**What to produce**
In the records that follow, find the line with "from ifc_helpers import"; from there, retype every line exactly through the line with "x_axis=(0.707106781187, -0.707106781187, 0.0)))", which also belongs to the answer.

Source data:
* * * *

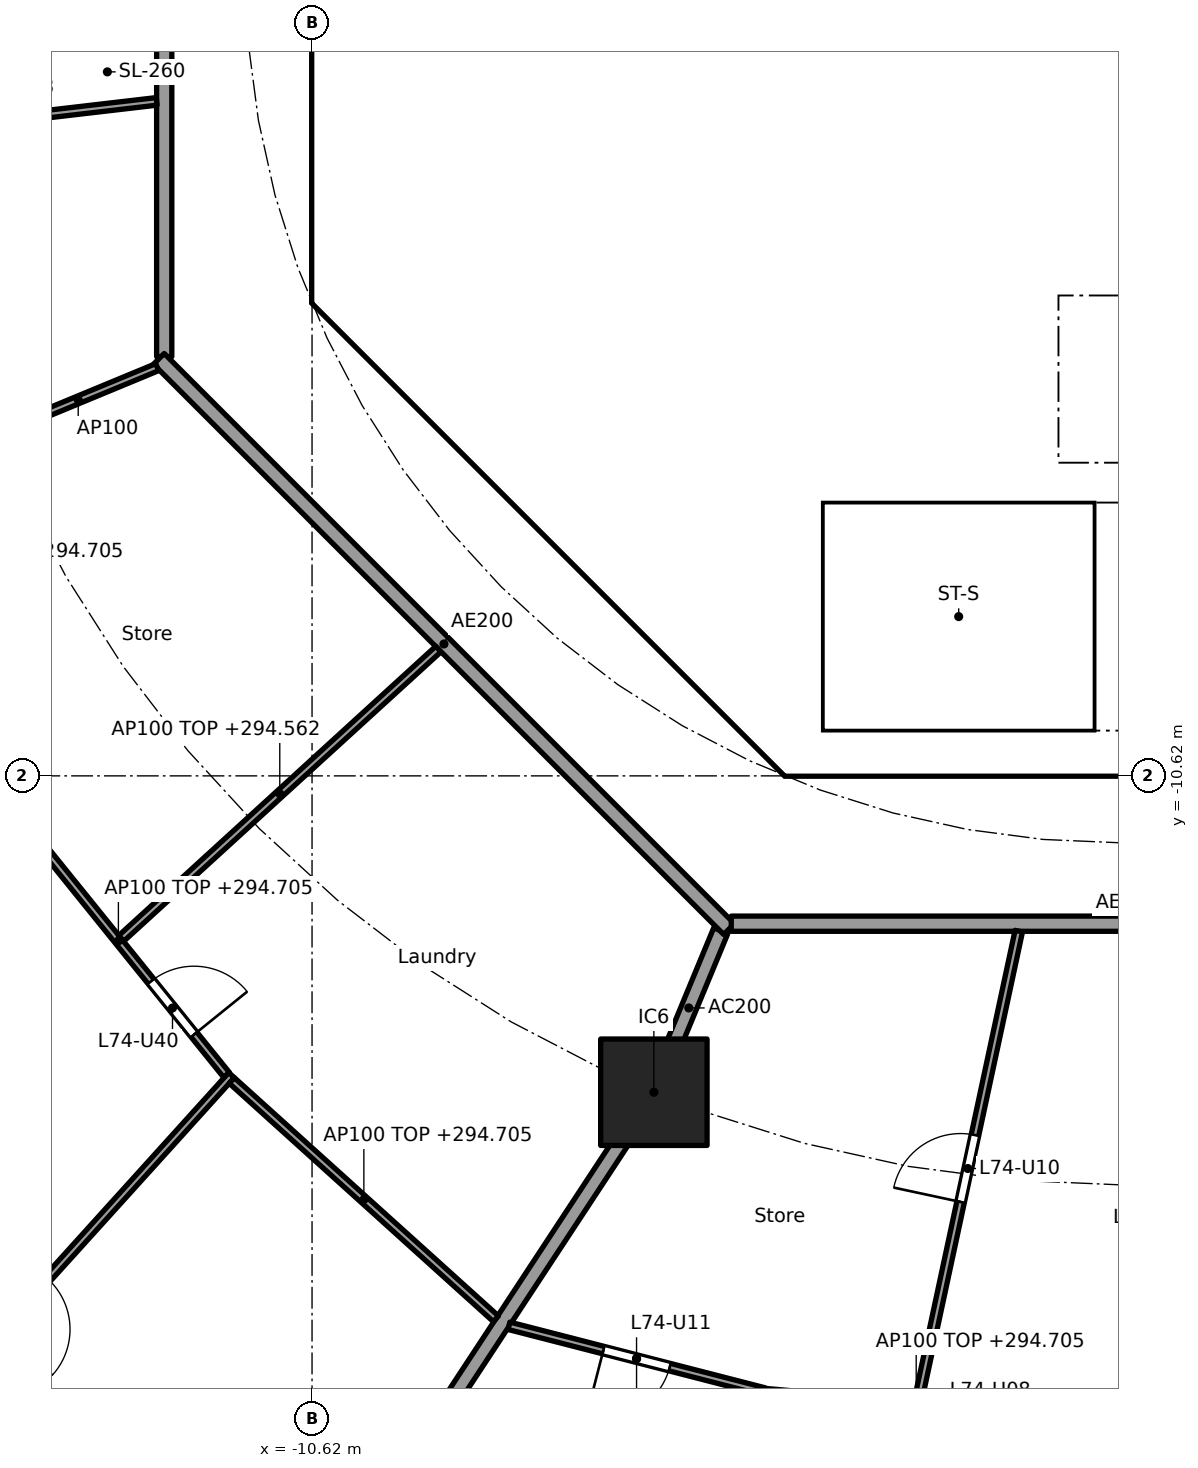
"""IFC4 building model, lengths in metres.
Left out: names, types, materials, properties, quantities, classifications, styles, units other than length and angle.
Written with IfcOpenShell. Run it as: python <this file> out.ifc"""

import sys

from ifc_helpers import new_model, si_unit, direction, frame, frame_2d, origin, origin_2d, place, context, subcontext, project, spatial, polyline, rectangle, outline, extrude, element, fill, save


model = new_model("IFC4")
c1 = context("Model", 3, precision=1e-05, world=origin(), true_north=direction((0.0, 1.0)))
c2 = subcontext(c1, "Body", "Model", "MODEL_VIEW")
j1 = project(units=[si_unit("LENGTHUNIT", "METRE"), si_unit("PLANEANGLEUNIT", "RADIAN")], contexts=[c1])
p1 = place(None, origin())
s1 = spatial("IfcSite", under=j1, at=p1, CompositionType="ELEMENT")
p2 = place(p1, origin())
s2 = spatial("IfcBuilding", under=s1, at=p2, CompositionType="ELEMENT")
p3 = place(p2, frame((0.0, 0.0, 291.8)))
s3 = spatial("IfcBuildingStorey", under=s2, at=p3, CompositionType="ELEMENT", Elevation=291.8)
p4 = place(p3, frame((-6.123, -14.782, 0.0), z_axis=(0.0, 0.0, 1.0), x_axis=(1.0, 0.0, 0.0)))
e1 = element("IfcColumn", 1, at=p4, inside=s3, PredefinedType="COLUMN", context=c2, shape_type="SweptSolid", body=[
    extrude(rectangle(XDim=1.4, YDim=1.4, at=origin_2d()), origin(), (0.0, 0.0, 1.0), 3.7),
])
p5 = place(p3, frame((-10.325, 3.801, 0.0), z_axis=(0.0, 0.0, 1.0), x_axis=(0.0, -1.0, 0.0)))
e2 = element("IfcWall", 2, at=p5, inside=s3, PredefinedType="SHEAR", context=c2, shape_type="SweptSolid", body=[
    extrude(rectangle(XDim=7.602, YDim=0.6, at=frame_2d((3.801, 0.0))), origin(), (0.0, 0.0, 1.0), 3.44),
])
p6 = place(p5, frame((0.651, 0.0, 0.0)))
e3 = element("IfcOpeningElement", 3, at=p6, cuts=e2, PredefinedType="OPENING", context=c2, shape_type="SweptSolid", body=[
    extrude(rectangle(XDim=1.5, YDim=2.1, at=frame_2d((0.75, 1.05))), frame((0.0, 0.31, 0.0), z_axis=(0.0, -1.0, 0.0), x_axis=(1.0, 0.0, 0.0)), (0.0, 0.0, 1.0), 0.62),
])
p7 = place(p5, frame((5.451, 0.0, 0.0)))
e4 = element("IfcOpeningElement", 4, at=p7, cuts=e2, PredefinedType="OPENING", context=c2, shape_type="SweptSolid", body=[
    extrude(rectangle(XDim=1.5, YDim=2.1, at=frame_2d((0.75, 1.05))), frame((0.0, 0.31, 0.0), z_axis=(0.0, -1.0, 0.0), x_axis=(1.0, 0.0, 0.0)), (0.0, 0.0, 1.0), 0.62),
])
p8 = place(p3, frame((-9.988, -4.613, 0.0), z_axis=(0.0, 0.0, 1.0), x_axis=(0.707106781187, -0.707106781187, 0.0)))
e5 = element("IfcWall", 5, at=p8, inside=s3, PredefinedType="SHEAR", context=c2, shape_type="SweptSolid", body=[
    extrude(rectangle(XDim=7.602, YDim=0.6, at=frame_2d((3.801, 0.0))), origin(), (0.0, 0.0, 1.0), 3.44),
])
p9 = place(p8, frame((6.151, 0.0, 0.0)))
e6 = element("IfcOpeningElement", 6, at=p9, cuts=e5, PredefinedType="OPENING", context=c2, shape_type="SweptSolid", body=[
    extrude(rectangle(XDim=1.1, YDim=2.1, at=frame_2d((0.55, 1.05))), frame((0.0, 0.31, 0.0), z_axis=(0.0, -1.0, 0.0), x_axis=(1.0, 0.0, 0.0)), (0.0, 0.0, 1.0), 0.62),
])
p10 = place(p3, frame((-5.8, -8.227, 0.0), z_axis=(0.0, 0.0, 1.0), x_axis=(0.0, 1.0, 0.0)))
e7 = element("IfcWall", 7, at=p10, inside=s3, PredefinedType="PARTITIONING", context=c2, shape_type="SweptSolid", body=[
    extrude(rectangle(XDim=3.927, YDim=0.15, at=frame_2d((1.963, 0.0))), origin(), (0.0, 0.0, 1.0), 3.44),
])
p11 = place(p10, frame((1.476, 0.0, 0.0)))
e8 = element("IfcOpeningElement", 8, at=p11, cuts=e7, PredefinedType="OPENING", context=c2, shape_type="SweptSolid", body=[
    extrude(rectangle(XDim=0.9, YDim=2.1, at=frame_2d((0.45, 1.05))), frame((0.0, 0.085, 0.0), z_axis=(0.0, -1.0, 0.0), x_axis=(1.0, 0.0, 0.0)), (0.0, 0.0, 1.0), 0.17),
])
p12 = place(p3, frame((-4.0, -6.5, 0.0), z_axis=(0.0, 0.0, 1.0), x_axis=(0.0, 1.0, 0.0)))
e9 = element("IfcWall", 9, at=p12, inside=s3, PredefinedType="SOLIDWALL", context=c2, shape_type="SweptSolid", body=[
    extrude(rectangle(XDim=2.2, YDim=0.2, at=frame_2d((1.1, 0.0))), origin(), (0.0, 0.0, 1.0), 3.44),
])
p13 = place(p12, frame((0.65, 0.0, 0.0)))
e10 = element("IfcOpeningElement", 10, at=p13, cuts=e9, PredefinedType="OPENING", context=c2, shape_type="SweptSolid", body=[
    extrude(rectangle(XDim=0.9, YDim=2.1, at=frame_2d((0.45, 1.05))), frame((0.0, 0.11, 0.0), z_axis=(0.0, -1.0, 0.0), x_axis=(1.0, 0.0, 0.0)), (0.0, 0.0, 1.0), 0.22),
])
p14 = place(p3, frame((-6.7, -2.0, 0.0), z_axis=(0.0, 0.0, 1.0), x_axis=(1.0, 0.0, 0.0)))
e11 = element("IfcWall", 11, at=p14, inside=s3, PredefinedType="SOLIDWALL", context=c2, shape_type="SweptSolid", body=[
    extrude(rectangle(XDim=13.4, YDim=0.2, at=frame_2d((6.7, 0.0))), origin(), (0.0, 0.0, 1.0), 3.44),
])
p15 = place(p14, frame((9.45, 0.0, 0.0)))
e12 = element("IfcOpeningElement", 12, at=p15, cuts=e11, PredefinedType="OPENING", context=c2, shape_type="SweptSolid", body=[
    extrude(rectangle(XDim=1.1, YDim=2.1, at=frame_2d((0.55, 1.05))), frame((0.0, 0.11, 0.0), z_axis=(0.0, -1.0, 0.0), x_axis=(1.0, 0.0, 0.0)), (0.0, 0.0, 1.0), 0.22),
])
p16 = place(p14, frame((11.65, 0.0, 0.0)))
e13 = element("IfcOpeningElement", 13, at=p16, cuts=e11, PredefinedType="OPENING", context=c2, shape_type="SweptSolid", body=[
    extrude(rectangle(XDim=1.1, YDim=2.1, at=frame_2d((0.55, 1.05))), frame((0.0, 0.11, 0.0), z_axis=(0.0, -1.0, 0.0), x_axis=(1.0, 0.0, 0.0)), (0.0, 0.0, 1.0), 0.22),
])
p17 = place(p14, frame((0.75, 0.0, 0.0)))
e14 = element("IfcOpeningElement", 14, at=p17, cuts=e11, PredefinedType="OPENING", context=c2, shape_type="SweptSolid", body=[
    extrude(rectangle(XDim=0.9, YDim=2.1, at=frame_2d((0.45, 1.05))), frame((0.0, 0.11, 0.0), z_axis=(0.0, -1.0, 0.0), x_axis=(1.0, 0.0, 0.0)), (0.0, 0.0, 1.0), 0.22),
])
p18 = place(p14, frame((2.95, 0.0, 0.0)))
e15 = element("IfcOpeningElement", 15, at=p18, cuts=e11, PredefinedType="OPENING", context=c2, shape_type="SweptSolid", body=[
    extrude(rectangle(XDim=0.9, YDim=2.1, at=frame_2d((0.45, 1.05))), frame((0.0, 0.11, 0.0), z_axis=(0.0, -1.0, 0.0), x_axis=(1.0, 0.0, 0.0)), (0.0, 0.0, 1.0), 0.22),
])
p19 = place(p14, frame((6.25, 0.0, 0.0)))
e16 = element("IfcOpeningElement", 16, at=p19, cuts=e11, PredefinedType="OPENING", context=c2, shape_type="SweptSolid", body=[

* * * *

**Exercise result**
from ifc_helpers import new_model, si_unit, direction, frame, frame_2d, origin, origin_2d, place, context, subcontext, project, spatial, polyline, rectangle, outline, extrude, element, fill, save


model = new_model("IFC4")
c1 = context("Model", 3, precision=1e-05, world=origin(), true_north=direction((0.0, 1.0)))
c2 = subcontext(c1, "Body", "Model", "MODEL_VIEW")
j1 = project(units=[si_unit("LENGTHUNIT", "METRE"), si_unit("PLANEANGLEUNIT", "RADIAN")], contexts=[c1])
p1 = place(None, origin())
s1 = spatial("IfcSite", under=j1, at=p1, CompositionType="ELEMENT")
p2 = place(p1, origin())
s2 = spatial("IfcBuilding", under=s1, at=p2, CompositionType="ELEMENT")
p3 = place(p2, frame((0.0, 0.0, 291.8)))
s3 = spatial("IfcBuildingStorey", under=s2, at=p3, CompositionType="ELEMENT", Elevation=291.8)
p4 = place(p3, frame((-6.123, -14.782, 0.0), z_axis=(0.0, 0.0, 1.0), x_axis=(1.0, 0.0, 0.0)))
e1 = element("IfcColumn", 1, at=p4, inside=s3, PredefinedType="COLUMN", context=c2, shape_type="SweptSolid", body=[
    extrude(rectangle(XDim=1.4, YDim=1.4, at=origin_2d()), origin(), (0.0, 0.0, 1.0), 3.7),
])
p5 = place(p3, frame((-10.325, 3.801, 0.0), z_axis=(0.0, 0.0, 1.0), x_axis=(0.0, -1.0, 0.0)))
e2 = element("IfcWall", 2, at=p5, inside=s3, PredefinedType="SHEAR", context=c2, shape_type="SweptSolid", body=[
    extrude(rectangle(XDim=7.602, YDim=0.6, at=frame_2d((3.801, 0.0))), origin(), (0.0, 0.0, 1.0), 3.44),
])
p6 = place(p5, frame((0.651, 0.0, 0.0)))
e3 = element("IfcOpeningElement", 3, at=p6, cuts=e2, PredefinedType="OPENING", context=c2, shape_type="SweptSolid", body=[
    extrude(rectangle(XDim=1.5, YDim=2.1, at=frame_2d((0.75, 1.05))), frame((0.0, 0.31, 0.0), z_axis=(0.0, -1.0, 0.0), x_axis=(1.0, 0.0, 0.0)), (0.0, 0.0, 1.0), 0.62),
])
p7 = place(p5, frame((5.451, 0.0, 0.0)))
e4 = element("IfcOpeningElement", 4, at=p7, cuts=e2, PredefinedType="OPENING", context=c2, shape_type="SweptSolid", body=[
    extrude(rectangle(XDim=1.5, YDim=2.1, at=frame_2d((0.75, 1.05))), frame((0.0, 0.31, 0.0), z_axis=(0.0, -1.0, 0.0), x_axis=(1.0, 0.0, 0.0)), (0.0, 0.0, 1.0), 0.62),
])
p8 = place(p3, frame((-9.988, -4.613, 0.0), z_axis=(0.0, 0.0, 1.0), x_axis=(0.707106781187, -0.707106781187, 0.0)))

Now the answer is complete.